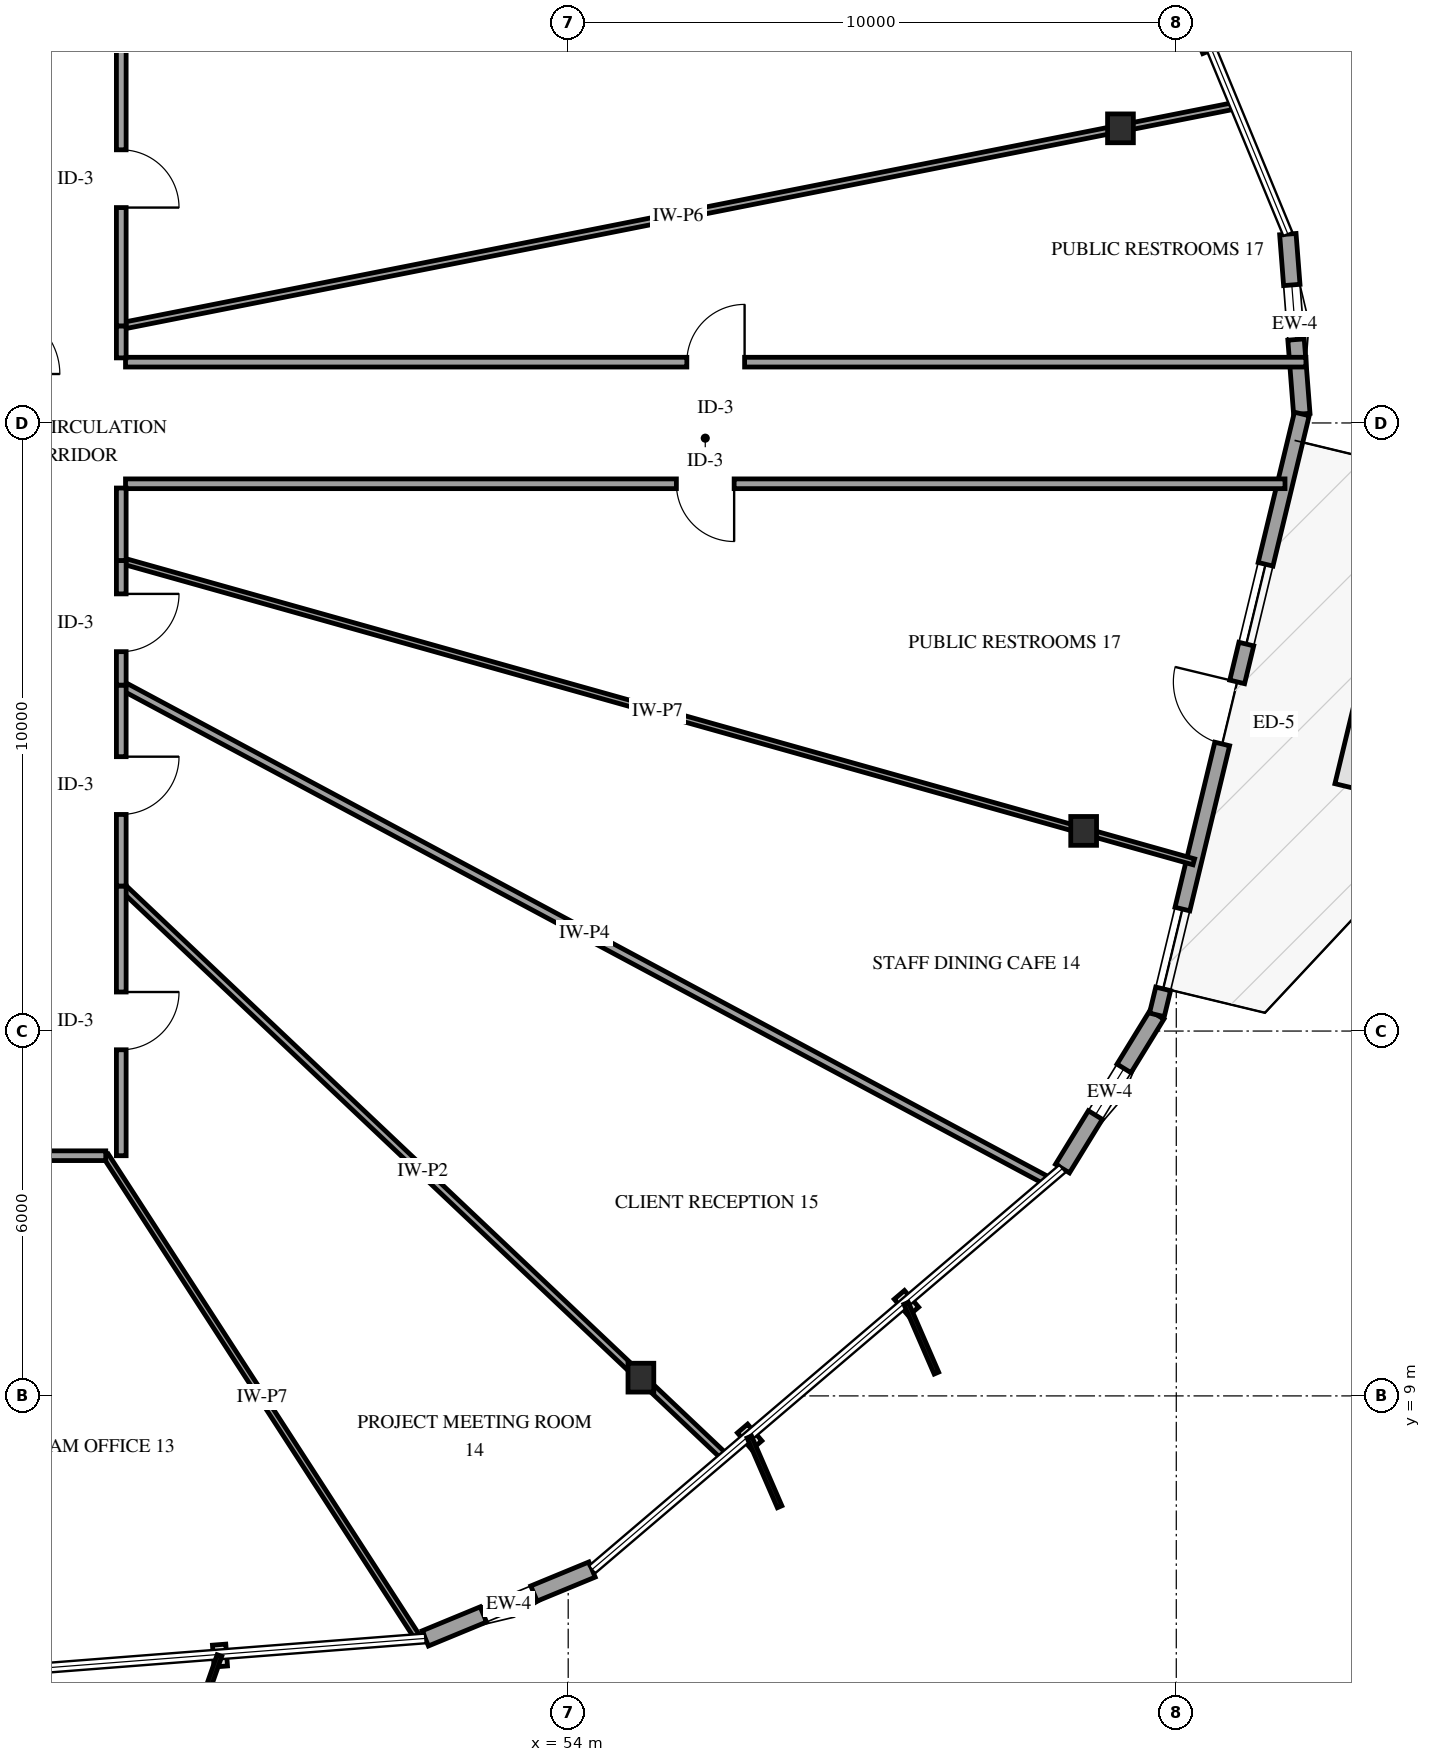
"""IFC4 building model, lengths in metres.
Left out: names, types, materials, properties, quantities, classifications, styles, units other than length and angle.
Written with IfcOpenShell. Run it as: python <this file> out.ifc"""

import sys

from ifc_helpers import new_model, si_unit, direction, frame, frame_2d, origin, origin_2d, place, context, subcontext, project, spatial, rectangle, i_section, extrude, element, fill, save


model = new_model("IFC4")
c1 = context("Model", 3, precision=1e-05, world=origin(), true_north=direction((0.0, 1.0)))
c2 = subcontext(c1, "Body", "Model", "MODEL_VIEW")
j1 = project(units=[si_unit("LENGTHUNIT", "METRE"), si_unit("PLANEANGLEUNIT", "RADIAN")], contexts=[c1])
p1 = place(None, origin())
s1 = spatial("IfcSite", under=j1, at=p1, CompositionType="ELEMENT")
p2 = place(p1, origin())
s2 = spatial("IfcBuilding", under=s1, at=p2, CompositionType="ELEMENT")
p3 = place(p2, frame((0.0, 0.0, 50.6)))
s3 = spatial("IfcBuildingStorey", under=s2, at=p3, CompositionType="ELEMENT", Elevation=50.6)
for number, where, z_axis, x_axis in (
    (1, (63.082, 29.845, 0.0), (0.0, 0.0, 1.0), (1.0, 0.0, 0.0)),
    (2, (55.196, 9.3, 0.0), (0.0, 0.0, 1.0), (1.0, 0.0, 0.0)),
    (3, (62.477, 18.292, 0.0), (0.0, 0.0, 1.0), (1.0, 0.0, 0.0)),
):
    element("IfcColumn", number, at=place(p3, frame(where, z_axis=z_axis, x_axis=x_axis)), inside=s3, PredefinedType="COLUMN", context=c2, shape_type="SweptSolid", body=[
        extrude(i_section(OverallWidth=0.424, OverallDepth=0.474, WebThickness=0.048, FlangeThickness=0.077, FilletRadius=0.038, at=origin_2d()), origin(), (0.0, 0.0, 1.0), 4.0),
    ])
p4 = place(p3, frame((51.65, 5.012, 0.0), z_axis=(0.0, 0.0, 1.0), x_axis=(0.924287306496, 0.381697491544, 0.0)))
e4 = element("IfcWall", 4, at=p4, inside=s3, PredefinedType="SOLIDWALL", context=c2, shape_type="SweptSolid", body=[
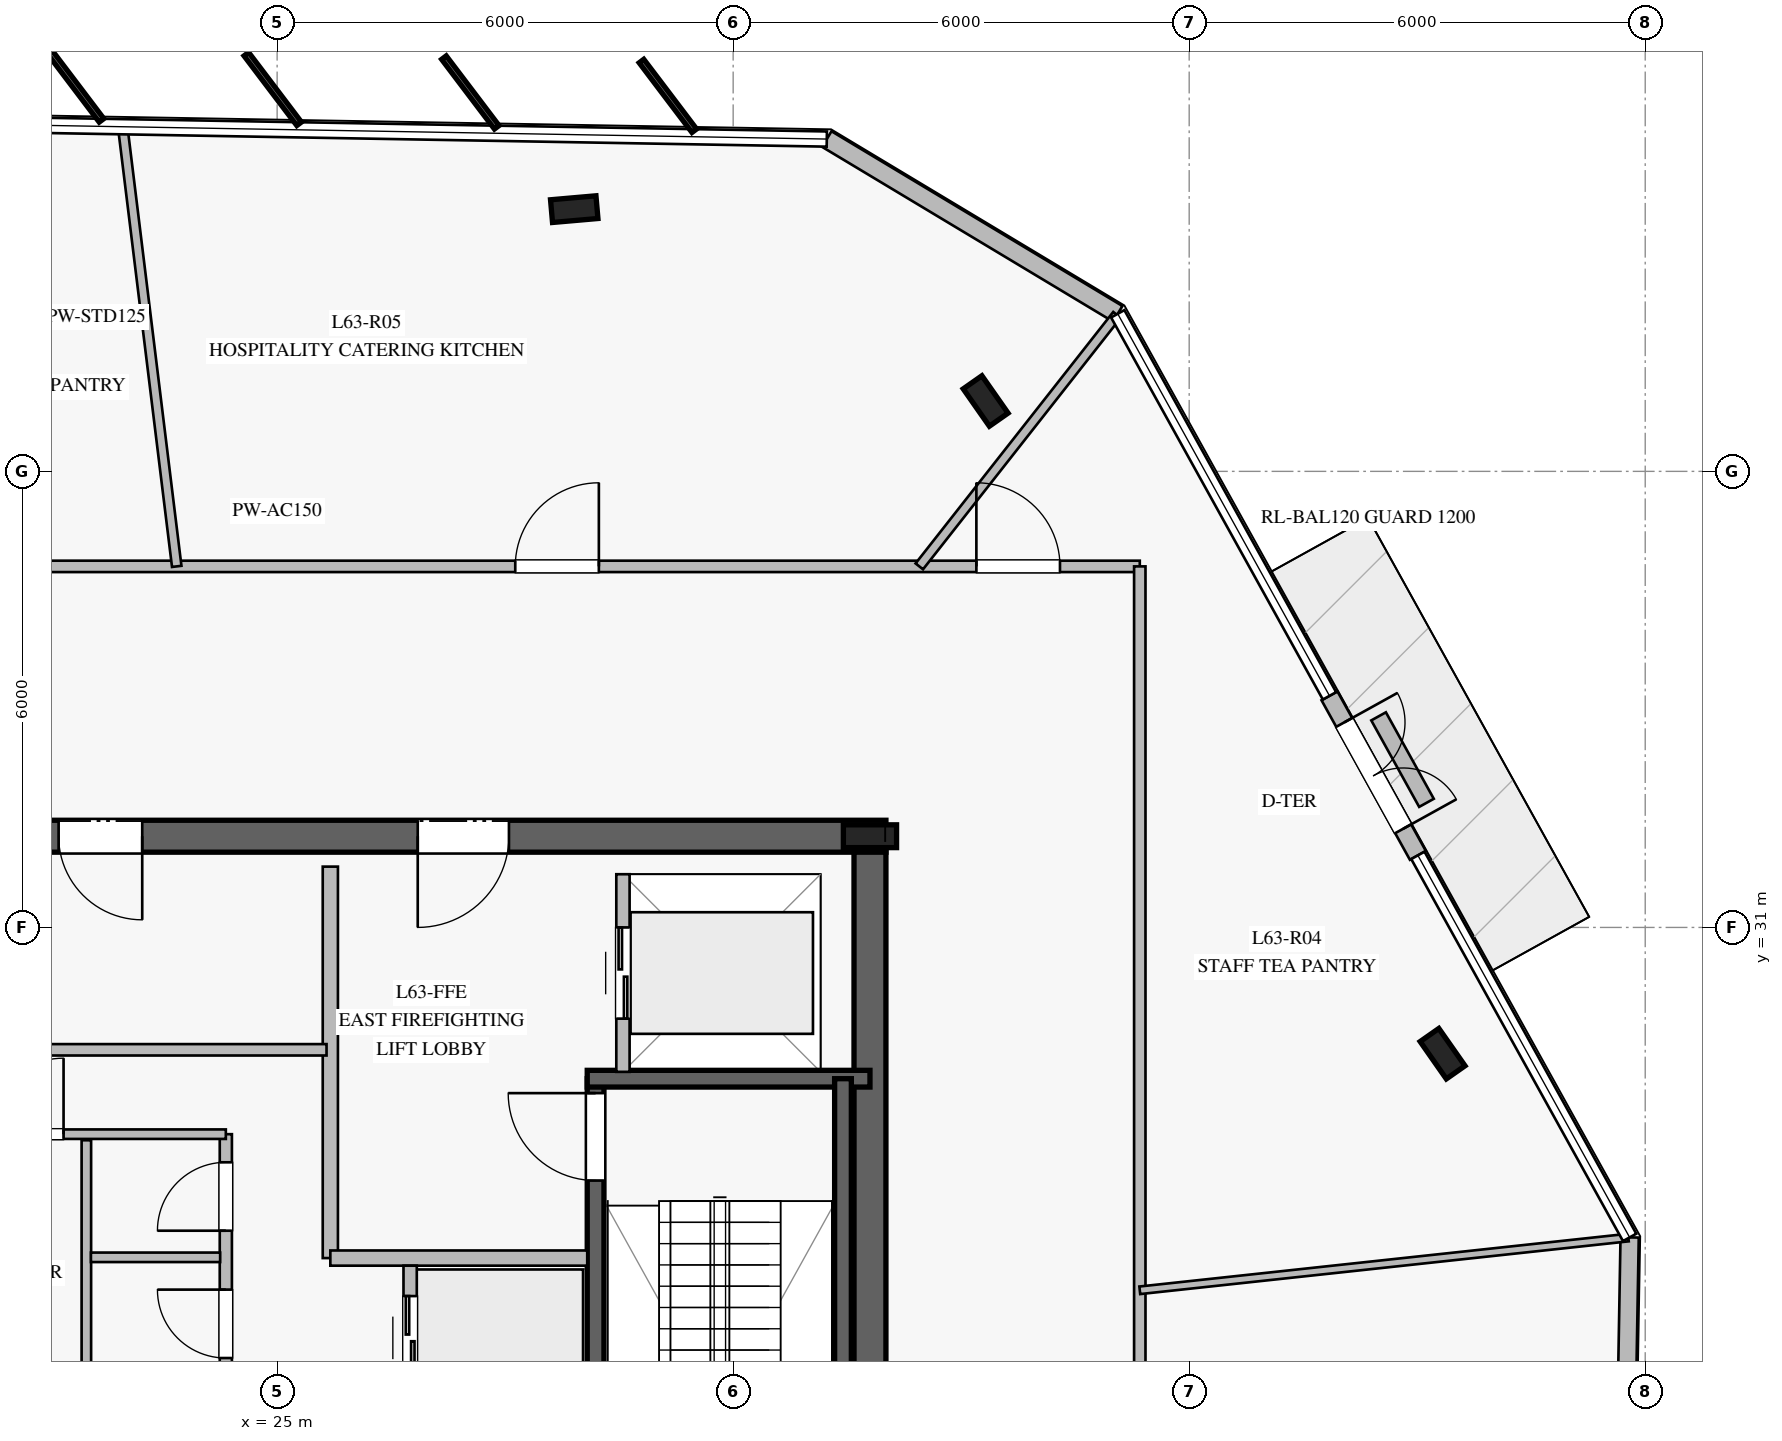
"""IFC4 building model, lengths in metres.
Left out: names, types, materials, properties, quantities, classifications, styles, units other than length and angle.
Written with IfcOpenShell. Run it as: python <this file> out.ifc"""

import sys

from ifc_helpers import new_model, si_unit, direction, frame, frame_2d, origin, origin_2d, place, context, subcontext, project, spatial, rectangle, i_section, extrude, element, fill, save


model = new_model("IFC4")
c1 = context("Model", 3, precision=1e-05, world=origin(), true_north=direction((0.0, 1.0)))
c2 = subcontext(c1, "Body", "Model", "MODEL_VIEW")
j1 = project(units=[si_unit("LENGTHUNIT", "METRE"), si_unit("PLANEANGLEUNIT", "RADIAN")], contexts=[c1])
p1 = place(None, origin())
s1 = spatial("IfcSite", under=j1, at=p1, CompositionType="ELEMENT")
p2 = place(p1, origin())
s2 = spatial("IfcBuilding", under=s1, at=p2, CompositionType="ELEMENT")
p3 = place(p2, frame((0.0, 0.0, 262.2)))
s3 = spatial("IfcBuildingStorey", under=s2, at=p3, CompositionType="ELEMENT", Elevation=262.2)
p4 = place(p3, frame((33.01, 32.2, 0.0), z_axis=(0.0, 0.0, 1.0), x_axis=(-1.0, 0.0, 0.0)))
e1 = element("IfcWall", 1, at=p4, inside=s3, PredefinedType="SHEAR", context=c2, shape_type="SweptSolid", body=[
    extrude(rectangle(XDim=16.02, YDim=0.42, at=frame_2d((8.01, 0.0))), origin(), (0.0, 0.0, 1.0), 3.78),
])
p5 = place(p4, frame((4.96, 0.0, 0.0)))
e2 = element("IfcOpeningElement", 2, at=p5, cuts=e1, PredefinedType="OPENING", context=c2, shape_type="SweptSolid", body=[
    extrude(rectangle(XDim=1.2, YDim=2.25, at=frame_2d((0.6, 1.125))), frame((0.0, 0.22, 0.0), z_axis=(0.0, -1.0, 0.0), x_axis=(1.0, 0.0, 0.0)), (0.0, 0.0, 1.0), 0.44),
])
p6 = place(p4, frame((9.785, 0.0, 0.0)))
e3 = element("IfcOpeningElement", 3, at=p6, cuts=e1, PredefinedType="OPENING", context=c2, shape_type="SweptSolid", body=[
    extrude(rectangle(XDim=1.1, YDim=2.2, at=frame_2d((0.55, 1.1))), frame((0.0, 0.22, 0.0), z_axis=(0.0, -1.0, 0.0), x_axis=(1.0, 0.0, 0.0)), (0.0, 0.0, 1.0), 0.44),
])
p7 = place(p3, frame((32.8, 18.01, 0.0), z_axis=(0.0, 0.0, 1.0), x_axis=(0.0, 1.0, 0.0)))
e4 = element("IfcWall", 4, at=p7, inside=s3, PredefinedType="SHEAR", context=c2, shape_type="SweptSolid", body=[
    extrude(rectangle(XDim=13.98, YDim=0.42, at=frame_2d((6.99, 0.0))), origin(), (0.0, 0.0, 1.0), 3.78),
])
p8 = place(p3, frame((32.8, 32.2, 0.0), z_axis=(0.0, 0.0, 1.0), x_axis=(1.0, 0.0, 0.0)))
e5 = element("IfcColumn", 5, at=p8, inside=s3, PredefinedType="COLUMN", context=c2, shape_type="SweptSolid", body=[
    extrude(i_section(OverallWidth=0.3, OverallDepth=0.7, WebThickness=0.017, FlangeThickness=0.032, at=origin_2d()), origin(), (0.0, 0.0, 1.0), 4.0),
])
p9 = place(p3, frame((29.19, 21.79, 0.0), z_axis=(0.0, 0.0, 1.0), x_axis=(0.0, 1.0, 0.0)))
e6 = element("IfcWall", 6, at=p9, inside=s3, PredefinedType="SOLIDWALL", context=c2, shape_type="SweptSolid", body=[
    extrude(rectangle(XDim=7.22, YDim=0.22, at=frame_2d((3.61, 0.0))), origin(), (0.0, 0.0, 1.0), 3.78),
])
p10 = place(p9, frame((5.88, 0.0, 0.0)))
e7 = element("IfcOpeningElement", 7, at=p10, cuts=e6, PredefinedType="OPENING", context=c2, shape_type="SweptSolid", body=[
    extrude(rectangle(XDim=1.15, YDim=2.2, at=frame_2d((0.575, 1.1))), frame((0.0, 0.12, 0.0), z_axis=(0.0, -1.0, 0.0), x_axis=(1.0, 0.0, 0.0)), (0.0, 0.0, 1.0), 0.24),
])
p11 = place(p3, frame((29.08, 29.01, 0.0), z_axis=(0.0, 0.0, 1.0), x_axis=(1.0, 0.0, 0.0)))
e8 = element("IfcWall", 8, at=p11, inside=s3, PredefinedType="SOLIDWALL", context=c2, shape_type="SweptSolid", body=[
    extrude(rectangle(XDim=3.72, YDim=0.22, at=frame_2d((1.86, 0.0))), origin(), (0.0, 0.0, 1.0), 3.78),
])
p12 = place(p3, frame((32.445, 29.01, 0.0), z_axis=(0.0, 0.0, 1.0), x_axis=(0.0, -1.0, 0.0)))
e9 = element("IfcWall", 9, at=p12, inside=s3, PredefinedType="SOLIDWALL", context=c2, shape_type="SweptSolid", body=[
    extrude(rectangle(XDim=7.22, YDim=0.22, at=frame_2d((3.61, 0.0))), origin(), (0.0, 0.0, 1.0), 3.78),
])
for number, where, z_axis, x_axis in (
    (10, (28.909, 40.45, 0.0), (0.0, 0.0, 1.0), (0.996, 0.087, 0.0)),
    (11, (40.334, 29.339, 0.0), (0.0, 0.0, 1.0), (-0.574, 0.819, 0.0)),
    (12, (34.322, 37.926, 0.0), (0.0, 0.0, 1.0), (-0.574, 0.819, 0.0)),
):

┄┄┄┄┄┄┄┄┄┄

*Problem to work on*: The word to find is "inside". Copy every line of the records that holds it.

*Final answer*:
    element("IfcColumn", number, at=place(p3, frame(where, z_axis=z_axis, x_axis=x_axis)), inside=s3, PredefinedType="COLUMN", context=c2, shape_type="SweptSolid", body=[
e4 = element("IfcWall", 4, at=p4, inside=s3, PredefinedType="SOLIDWALL", context=c2, shape_type="SweptSolid", body=[
e1 = element("IfcWall", 1, at=p4, inside=s3, PredefinedType="SHEAR", context=c2, shape_type="SweptSolid", body=[
e4 = element("IfcWall", 4, at=p7, inside=s3, PredefinedType="SHEAR", context=c2, shape_type="SweptSolid", body=[
e5 = element("IfcColumn", 5, at=p8, inside=s3, PredefinedType="COLUMN", context=c2, shape_type="SweptSolid", body=[
e6 = element("IfcWall", 6, at=p9, inside=s3, PredefinedType="SOLIDWALL", context=c2, shape_type="SweptSolid", body=[
e8 = element("IfcWall", 8, at=p11, inside=s3, PredefinedType="SOLIDWALL", context=c2, shape_type="SweptSolid", body=[
e9 = element("IfcWall", 9, at=p12, inside=s3, PredefinedType="SOLIDWALL", context=c2, shape_type="SweptSolid", body=[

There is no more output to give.